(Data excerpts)
Start of Block

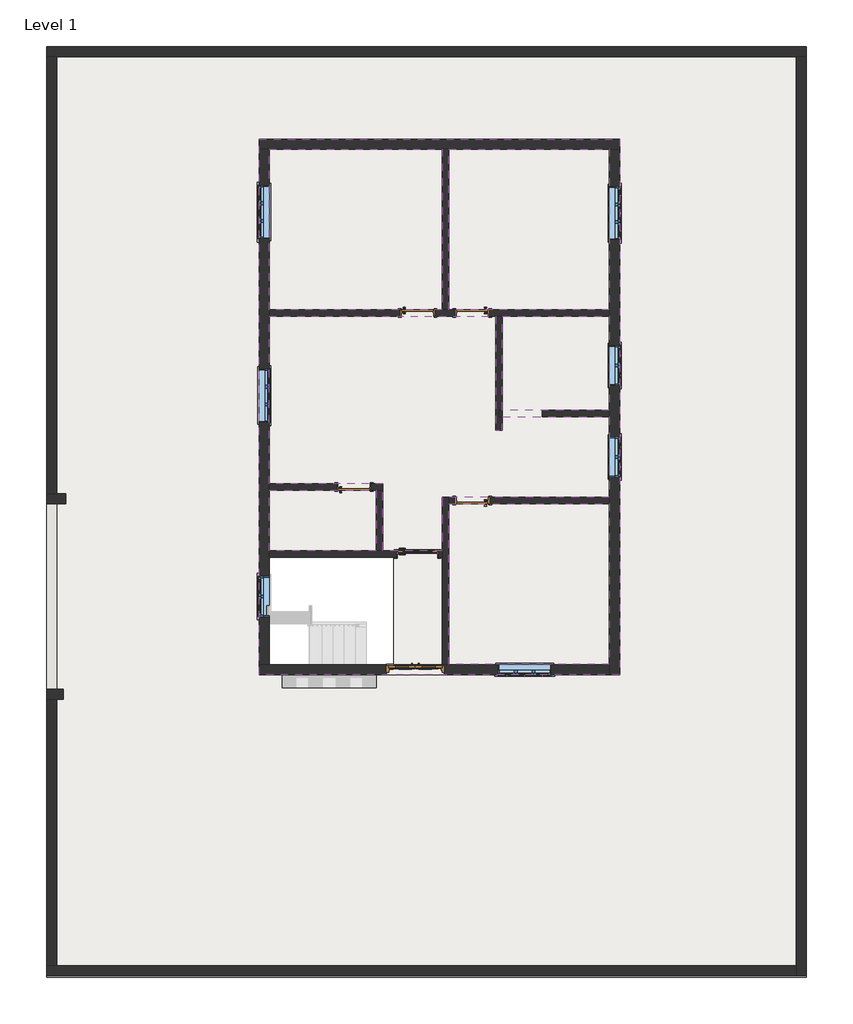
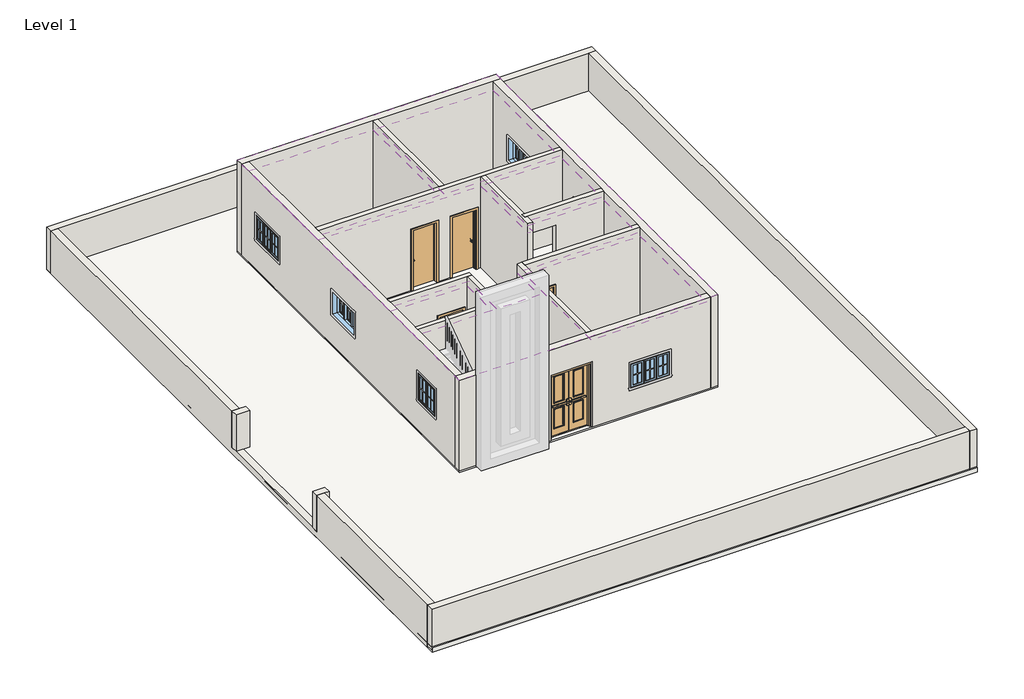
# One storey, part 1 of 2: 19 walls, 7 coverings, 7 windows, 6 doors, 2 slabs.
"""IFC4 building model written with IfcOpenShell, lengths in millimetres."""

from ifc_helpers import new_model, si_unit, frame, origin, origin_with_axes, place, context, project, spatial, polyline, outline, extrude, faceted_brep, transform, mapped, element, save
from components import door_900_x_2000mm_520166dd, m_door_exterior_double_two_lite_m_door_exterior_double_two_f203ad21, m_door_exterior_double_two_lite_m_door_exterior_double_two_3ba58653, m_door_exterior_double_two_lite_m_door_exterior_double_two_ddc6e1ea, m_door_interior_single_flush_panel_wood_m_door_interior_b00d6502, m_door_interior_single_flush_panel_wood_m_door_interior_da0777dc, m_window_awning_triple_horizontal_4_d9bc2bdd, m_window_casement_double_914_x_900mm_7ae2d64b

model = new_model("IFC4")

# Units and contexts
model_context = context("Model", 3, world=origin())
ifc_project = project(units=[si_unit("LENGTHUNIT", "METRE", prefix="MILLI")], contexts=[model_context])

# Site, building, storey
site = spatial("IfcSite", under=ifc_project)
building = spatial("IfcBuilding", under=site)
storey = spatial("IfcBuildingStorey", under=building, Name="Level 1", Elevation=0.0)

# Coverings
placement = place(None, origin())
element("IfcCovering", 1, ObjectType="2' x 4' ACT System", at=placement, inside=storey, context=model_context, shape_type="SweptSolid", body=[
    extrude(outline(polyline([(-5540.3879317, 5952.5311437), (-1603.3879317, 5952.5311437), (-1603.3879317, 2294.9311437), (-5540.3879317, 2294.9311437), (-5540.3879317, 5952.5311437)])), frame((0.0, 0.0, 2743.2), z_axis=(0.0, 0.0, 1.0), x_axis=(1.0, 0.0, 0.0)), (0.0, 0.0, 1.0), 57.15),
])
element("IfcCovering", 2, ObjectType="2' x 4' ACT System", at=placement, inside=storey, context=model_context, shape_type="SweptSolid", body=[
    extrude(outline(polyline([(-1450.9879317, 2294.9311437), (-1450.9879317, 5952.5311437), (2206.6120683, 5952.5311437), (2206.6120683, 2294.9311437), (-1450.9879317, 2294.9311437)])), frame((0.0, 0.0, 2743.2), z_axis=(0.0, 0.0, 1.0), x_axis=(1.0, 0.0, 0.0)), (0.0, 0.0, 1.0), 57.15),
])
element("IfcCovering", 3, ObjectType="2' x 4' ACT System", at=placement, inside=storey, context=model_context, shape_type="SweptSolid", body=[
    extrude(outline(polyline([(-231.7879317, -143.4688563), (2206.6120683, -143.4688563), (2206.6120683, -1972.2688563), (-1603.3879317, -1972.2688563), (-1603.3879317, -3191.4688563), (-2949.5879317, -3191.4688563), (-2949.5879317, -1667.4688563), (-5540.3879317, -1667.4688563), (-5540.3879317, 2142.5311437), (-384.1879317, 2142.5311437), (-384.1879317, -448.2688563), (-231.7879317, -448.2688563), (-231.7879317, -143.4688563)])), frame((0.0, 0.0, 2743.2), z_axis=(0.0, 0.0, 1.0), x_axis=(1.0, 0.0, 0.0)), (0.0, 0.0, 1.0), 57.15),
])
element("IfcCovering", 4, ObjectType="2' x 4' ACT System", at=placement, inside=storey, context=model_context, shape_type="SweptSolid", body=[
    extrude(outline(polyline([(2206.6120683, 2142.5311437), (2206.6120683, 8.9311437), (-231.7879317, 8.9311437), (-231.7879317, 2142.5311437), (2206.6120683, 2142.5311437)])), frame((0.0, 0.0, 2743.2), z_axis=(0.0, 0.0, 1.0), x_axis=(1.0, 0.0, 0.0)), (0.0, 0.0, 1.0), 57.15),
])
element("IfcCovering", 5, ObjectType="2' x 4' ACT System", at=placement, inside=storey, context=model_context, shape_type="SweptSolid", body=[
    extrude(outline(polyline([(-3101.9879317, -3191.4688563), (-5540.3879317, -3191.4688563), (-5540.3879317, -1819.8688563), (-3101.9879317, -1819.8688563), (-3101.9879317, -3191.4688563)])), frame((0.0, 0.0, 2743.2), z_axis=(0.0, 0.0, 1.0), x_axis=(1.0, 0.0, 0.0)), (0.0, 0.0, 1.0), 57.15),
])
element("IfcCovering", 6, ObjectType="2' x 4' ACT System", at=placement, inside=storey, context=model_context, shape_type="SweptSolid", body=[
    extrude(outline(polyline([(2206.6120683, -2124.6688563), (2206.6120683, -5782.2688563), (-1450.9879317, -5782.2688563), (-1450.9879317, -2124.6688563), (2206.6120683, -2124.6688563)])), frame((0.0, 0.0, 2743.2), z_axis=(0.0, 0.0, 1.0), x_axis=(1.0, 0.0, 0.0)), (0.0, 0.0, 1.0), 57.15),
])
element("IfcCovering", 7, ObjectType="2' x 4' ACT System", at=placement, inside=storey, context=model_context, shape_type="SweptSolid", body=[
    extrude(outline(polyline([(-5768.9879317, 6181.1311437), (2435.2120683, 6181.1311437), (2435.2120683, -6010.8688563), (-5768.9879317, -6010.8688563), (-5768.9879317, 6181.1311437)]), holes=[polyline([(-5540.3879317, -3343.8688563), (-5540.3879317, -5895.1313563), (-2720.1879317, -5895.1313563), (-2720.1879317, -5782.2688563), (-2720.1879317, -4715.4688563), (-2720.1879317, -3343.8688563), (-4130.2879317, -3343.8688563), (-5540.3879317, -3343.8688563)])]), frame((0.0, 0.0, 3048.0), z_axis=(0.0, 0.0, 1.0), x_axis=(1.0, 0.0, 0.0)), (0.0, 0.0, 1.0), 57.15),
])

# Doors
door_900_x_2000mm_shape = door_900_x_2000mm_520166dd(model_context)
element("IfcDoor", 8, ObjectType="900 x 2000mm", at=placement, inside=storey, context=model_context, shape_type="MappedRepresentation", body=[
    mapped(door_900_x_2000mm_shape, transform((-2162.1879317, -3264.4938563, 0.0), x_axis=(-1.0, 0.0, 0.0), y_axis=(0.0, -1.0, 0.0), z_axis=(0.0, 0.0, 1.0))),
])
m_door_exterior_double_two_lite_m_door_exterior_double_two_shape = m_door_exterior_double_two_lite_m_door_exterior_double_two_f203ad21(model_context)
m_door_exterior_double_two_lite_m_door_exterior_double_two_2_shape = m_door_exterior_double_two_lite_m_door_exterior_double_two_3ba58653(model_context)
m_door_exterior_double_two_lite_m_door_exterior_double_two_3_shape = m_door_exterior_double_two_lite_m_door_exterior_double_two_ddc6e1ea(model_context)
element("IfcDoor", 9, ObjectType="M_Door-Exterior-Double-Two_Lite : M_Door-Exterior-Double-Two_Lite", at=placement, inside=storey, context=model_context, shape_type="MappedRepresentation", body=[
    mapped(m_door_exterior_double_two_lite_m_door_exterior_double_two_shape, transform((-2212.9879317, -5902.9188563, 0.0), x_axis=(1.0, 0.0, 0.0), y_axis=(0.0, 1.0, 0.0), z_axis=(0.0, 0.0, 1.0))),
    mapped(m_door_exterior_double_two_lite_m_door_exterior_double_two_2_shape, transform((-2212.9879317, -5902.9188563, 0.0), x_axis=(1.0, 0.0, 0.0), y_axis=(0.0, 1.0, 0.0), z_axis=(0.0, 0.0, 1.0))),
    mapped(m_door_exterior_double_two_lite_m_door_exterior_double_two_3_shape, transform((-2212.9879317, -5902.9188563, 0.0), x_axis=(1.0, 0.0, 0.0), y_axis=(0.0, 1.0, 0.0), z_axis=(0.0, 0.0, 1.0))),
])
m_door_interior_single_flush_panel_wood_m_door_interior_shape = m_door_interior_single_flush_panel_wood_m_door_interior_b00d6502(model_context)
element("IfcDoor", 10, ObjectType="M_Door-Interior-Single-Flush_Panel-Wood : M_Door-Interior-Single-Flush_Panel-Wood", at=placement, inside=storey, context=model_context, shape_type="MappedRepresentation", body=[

End of Block

WORK REQUIRED.
What you return should be only the exact lines from the top of the entries through the line with "from ifc_helpers import", minus the pictures.

RESPONSE TO THE EXERCISE.
# One storey, part 1 of 2: 19 walls, 7 coverings, 7 windows, 6 doors, 2 slabs.
"""IFC4 building model written with IfcOpenShell, lengths in millimetres."""

from ifc_helpers import new_model, si_unit, frame, origin, origin_with_axes, place, context, project, spatial, polyline, outline, extrude, faceted_brep, transform, mapped, element, save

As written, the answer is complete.